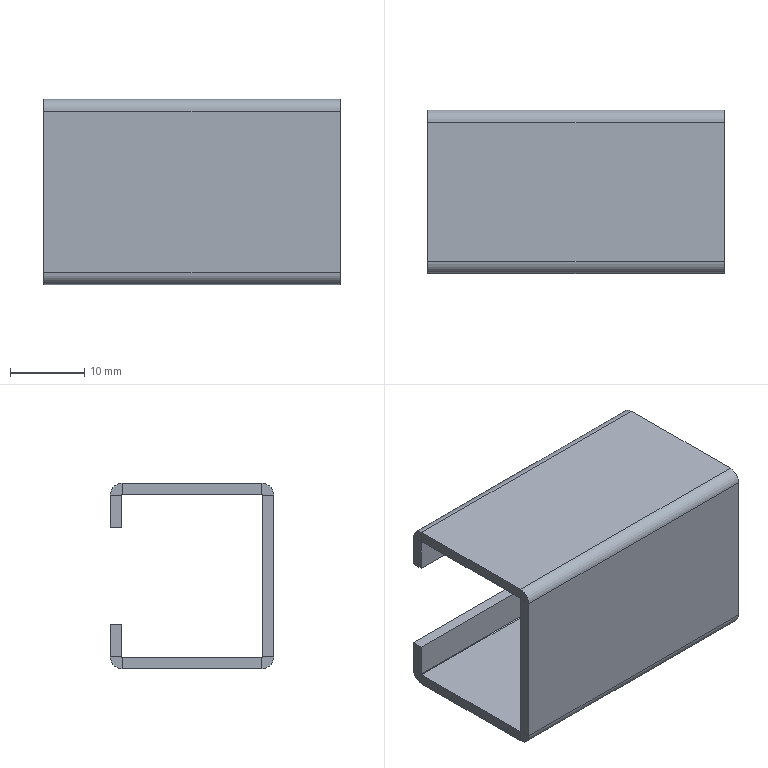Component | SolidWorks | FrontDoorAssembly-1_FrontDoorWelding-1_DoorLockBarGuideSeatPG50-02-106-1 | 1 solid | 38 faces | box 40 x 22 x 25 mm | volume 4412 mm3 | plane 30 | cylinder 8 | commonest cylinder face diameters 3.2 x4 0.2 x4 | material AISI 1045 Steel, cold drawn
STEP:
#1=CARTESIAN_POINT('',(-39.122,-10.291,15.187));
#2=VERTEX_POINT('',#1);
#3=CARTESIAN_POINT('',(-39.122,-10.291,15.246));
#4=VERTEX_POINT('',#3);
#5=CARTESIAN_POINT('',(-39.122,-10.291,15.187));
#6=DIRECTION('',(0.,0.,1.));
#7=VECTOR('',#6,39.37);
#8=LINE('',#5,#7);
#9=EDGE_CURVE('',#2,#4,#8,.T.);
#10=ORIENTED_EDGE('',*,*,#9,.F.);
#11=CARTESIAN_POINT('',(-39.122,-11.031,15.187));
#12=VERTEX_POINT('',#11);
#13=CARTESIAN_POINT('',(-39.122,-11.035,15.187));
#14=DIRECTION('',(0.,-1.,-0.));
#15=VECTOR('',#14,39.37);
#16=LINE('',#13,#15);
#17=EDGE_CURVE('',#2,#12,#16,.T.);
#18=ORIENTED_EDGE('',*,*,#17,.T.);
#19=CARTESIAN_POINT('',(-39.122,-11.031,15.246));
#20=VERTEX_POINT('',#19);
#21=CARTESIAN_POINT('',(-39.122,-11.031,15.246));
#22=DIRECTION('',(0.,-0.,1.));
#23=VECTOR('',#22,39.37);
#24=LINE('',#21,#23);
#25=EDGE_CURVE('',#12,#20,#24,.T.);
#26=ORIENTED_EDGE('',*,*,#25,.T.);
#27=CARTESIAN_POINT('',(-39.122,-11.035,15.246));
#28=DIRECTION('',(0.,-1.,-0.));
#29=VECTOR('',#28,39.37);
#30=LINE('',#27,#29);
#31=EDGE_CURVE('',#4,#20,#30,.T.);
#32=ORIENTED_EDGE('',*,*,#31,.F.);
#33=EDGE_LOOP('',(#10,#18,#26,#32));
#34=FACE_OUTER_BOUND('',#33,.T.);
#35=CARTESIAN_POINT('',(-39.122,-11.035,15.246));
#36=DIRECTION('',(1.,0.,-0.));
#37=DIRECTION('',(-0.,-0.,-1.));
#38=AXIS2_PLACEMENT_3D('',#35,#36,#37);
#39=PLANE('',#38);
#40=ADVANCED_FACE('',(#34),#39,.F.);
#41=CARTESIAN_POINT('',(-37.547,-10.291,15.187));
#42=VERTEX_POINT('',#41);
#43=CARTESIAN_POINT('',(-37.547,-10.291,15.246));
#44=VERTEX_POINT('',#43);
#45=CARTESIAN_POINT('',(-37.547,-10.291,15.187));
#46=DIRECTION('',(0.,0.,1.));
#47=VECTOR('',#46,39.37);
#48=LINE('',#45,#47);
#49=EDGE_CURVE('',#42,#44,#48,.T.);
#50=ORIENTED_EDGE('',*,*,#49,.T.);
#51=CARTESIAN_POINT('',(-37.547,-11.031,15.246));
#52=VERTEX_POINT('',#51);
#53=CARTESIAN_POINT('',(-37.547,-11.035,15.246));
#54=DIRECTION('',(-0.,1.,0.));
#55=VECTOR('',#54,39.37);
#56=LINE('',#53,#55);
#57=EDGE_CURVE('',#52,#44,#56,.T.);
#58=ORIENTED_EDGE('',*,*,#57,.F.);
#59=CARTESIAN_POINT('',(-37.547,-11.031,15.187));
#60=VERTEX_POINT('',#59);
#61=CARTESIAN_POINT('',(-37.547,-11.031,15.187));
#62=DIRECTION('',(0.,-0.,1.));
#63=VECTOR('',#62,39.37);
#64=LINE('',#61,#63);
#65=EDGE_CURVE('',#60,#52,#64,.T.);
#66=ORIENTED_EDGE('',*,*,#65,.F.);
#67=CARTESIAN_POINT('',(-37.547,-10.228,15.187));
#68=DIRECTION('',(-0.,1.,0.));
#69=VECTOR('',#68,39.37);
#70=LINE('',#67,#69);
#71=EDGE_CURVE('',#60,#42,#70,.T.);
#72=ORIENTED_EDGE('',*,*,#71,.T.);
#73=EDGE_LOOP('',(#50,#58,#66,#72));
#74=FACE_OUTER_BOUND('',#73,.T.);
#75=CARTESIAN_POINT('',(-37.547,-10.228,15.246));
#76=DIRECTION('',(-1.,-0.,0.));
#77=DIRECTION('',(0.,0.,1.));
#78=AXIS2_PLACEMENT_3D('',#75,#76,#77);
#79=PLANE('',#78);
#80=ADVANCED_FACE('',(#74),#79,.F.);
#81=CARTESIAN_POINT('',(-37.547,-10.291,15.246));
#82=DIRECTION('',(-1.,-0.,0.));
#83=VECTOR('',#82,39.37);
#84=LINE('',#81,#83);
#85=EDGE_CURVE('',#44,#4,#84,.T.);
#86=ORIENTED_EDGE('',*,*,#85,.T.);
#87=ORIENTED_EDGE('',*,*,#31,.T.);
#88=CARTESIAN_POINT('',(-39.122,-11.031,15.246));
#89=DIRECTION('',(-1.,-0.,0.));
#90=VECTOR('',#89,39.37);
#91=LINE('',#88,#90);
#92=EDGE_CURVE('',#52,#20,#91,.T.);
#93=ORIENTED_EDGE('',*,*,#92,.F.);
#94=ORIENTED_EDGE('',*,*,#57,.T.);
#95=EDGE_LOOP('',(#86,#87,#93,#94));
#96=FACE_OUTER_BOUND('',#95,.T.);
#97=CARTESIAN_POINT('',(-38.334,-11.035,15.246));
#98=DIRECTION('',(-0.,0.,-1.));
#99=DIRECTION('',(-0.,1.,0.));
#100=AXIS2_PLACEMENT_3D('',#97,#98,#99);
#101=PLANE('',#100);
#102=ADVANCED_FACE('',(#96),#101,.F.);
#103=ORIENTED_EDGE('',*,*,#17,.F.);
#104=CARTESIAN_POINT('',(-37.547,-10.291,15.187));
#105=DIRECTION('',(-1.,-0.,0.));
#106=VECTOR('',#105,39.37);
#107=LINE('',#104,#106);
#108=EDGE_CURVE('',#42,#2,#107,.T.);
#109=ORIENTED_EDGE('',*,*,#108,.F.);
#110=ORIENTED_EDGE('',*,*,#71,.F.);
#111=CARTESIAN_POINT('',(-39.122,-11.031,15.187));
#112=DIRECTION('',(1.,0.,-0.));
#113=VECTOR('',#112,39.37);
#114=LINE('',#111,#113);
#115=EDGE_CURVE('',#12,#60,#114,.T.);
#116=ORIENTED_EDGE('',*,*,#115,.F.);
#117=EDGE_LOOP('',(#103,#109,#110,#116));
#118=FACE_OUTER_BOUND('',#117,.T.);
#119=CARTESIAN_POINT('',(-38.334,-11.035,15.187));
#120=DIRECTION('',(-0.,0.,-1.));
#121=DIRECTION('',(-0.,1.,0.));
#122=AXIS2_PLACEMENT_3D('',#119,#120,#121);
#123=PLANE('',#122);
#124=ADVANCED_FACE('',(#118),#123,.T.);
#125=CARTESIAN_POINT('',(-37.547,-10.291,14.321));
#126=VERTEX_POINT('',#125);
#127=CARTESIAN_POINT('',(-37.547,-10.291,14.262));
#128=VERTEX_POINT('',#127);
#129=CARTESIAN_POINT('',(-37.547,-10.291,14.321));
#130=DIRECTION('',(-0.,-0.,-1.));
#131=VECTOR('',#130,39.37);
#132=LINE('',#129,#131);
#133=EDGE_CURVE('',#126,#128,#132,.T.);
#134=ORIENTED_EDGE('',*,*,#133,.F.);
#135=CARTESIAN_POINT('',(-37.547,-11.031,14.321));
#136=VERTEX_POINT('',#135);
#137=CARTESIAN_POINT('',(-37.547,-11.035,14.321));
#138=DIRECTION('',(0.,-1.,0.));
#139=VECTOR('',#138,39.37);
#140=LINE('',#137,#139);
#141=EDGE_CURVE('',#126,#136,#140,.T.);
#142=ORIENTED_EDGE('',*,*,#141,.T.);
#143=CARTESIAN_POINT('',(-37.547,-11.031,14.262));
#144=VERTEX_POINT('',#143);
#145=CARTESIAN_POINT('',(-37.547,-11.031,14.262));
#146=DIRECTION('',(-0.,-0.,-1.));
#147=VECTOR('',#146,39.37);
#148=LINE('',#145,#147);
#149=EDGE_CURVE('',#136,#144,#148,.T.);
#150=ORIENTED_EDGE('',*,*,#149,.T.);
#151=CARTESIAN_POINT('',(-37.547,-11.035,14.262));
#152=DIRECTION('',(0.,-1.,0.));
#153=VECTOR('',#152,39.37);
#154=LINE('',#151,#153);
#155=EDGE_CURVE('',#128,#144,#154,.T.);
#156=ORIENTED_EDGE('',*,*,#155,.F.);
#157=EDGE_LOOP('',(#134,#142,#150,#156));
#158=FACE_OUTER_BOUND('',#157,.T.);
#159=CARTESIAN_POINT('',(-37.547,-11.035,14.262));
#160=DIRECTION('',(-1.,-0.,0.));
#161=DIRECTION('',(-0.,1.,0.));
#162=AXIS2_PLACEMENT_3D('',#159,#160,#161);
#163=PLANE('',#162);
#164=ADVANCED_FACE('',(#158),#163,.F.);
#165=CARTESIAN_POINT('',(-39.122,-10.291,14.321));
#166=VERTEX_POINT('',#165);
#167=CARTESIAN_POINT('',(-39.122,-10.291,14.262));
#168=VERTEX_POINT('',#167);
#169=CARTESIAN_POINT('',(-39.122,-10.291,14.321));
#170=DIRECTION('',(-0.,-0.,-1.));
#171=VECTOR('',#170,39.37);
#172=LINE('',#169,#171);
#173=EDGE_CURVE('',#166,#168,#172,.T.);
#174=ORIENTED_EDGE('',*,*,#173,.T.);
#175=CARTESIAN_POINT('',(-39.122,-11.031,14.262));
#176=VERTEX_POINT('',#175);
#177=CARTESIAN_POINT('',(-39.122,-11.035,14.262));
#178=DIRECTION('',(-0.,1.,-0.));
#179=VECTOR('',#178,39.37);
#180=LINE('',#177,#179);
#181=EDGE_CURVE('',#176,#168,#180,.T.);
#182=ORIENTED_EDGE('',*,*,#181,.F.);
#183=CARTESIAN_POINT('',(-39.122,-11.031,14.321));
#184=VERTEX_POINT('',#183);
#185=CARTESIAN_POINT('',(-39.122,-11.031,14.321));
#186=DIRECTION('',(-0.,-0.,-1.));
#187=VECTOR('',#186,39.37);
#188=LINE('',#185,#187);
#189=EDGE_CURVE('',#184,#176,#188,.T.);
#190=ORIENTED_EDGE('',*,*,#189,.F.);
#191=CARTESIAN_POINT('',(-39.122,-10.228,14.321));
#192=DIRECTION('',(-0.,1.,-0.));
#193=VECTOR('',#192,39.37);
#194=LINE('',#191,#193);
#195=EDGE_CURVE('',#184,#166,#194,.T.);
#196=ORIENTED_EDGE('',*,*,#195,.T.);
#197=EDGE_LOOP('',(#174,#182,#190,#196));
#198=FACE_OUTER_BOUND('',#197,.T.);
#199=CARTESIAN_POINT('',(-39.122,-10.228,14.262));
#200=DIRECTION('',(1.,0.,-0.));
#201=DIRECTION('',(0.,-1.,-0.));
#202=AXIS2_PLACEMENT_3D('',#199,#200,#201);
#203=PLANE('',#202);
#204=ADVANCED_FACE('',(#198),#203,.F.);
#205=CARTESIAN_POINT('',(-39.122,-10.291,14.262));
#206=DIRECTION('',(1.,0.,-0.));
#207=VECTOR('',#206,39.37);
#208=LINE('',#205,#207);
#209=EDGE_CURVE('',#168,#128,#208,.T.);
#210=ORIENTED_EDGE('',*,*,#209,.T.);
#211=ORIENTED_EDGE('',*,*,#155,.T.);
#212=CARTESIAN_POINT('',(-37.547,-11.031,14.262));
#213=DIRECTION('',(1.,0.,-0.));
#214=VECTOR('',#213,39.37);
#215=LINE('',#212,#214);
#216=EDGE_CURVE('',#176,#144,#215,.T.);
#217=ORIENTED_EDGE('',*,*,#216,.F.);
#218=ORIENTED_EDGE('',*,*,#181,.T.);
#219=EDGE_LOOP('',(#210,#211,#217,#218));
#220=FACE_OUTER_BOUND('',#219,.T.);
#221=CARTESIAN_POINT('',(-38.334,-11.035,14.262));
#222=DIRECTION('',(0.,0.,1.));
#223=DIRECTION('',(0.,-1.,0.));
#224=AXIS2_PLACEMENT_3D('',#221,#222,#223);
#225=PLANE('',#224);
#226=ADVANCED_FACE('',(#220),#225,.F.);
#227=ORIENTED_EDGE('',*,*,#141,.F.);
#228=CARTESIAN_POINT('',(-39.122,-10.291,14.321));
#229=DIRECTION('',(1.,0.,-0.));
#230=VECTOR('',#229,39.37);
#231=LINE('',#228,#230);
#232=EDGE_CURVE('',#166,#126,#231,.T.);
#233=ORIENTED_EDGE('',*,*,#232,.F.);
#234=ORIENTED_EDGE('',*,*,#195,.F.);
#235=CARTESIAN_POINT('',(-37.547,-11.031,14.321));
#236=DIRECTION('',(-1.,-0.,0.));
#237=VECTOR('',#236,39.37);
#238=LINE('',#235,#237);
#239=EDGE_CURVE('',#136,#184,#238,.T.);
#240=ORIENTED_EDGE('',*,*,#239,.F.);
----------
> **REQUIREMENT**
Would you print, exactly as written, every line above from the one holding "#63=VECTOR('',#62,39.37);" through the one holding "#70=LINE('',#67,#69);", with both included and no other lines?

> **SOLUTION FOR THIS TASK**
#63=VECTOR('',#62,39.37);
#64=LINE('',#61,#63);
#65=EDGE_CURVE('',#60,#52,#64,.T.);
#66=ORIENTED_EDGE('',*,*,#65,.F.);
#67=CARTESIAN_POINT('',(-37.547,-10.228,15.187));
#68=DIRECTION('',(-0.,1.,0.));
#69=VECTOR('',#68,39.37);
#70=LINE('',#67,#69);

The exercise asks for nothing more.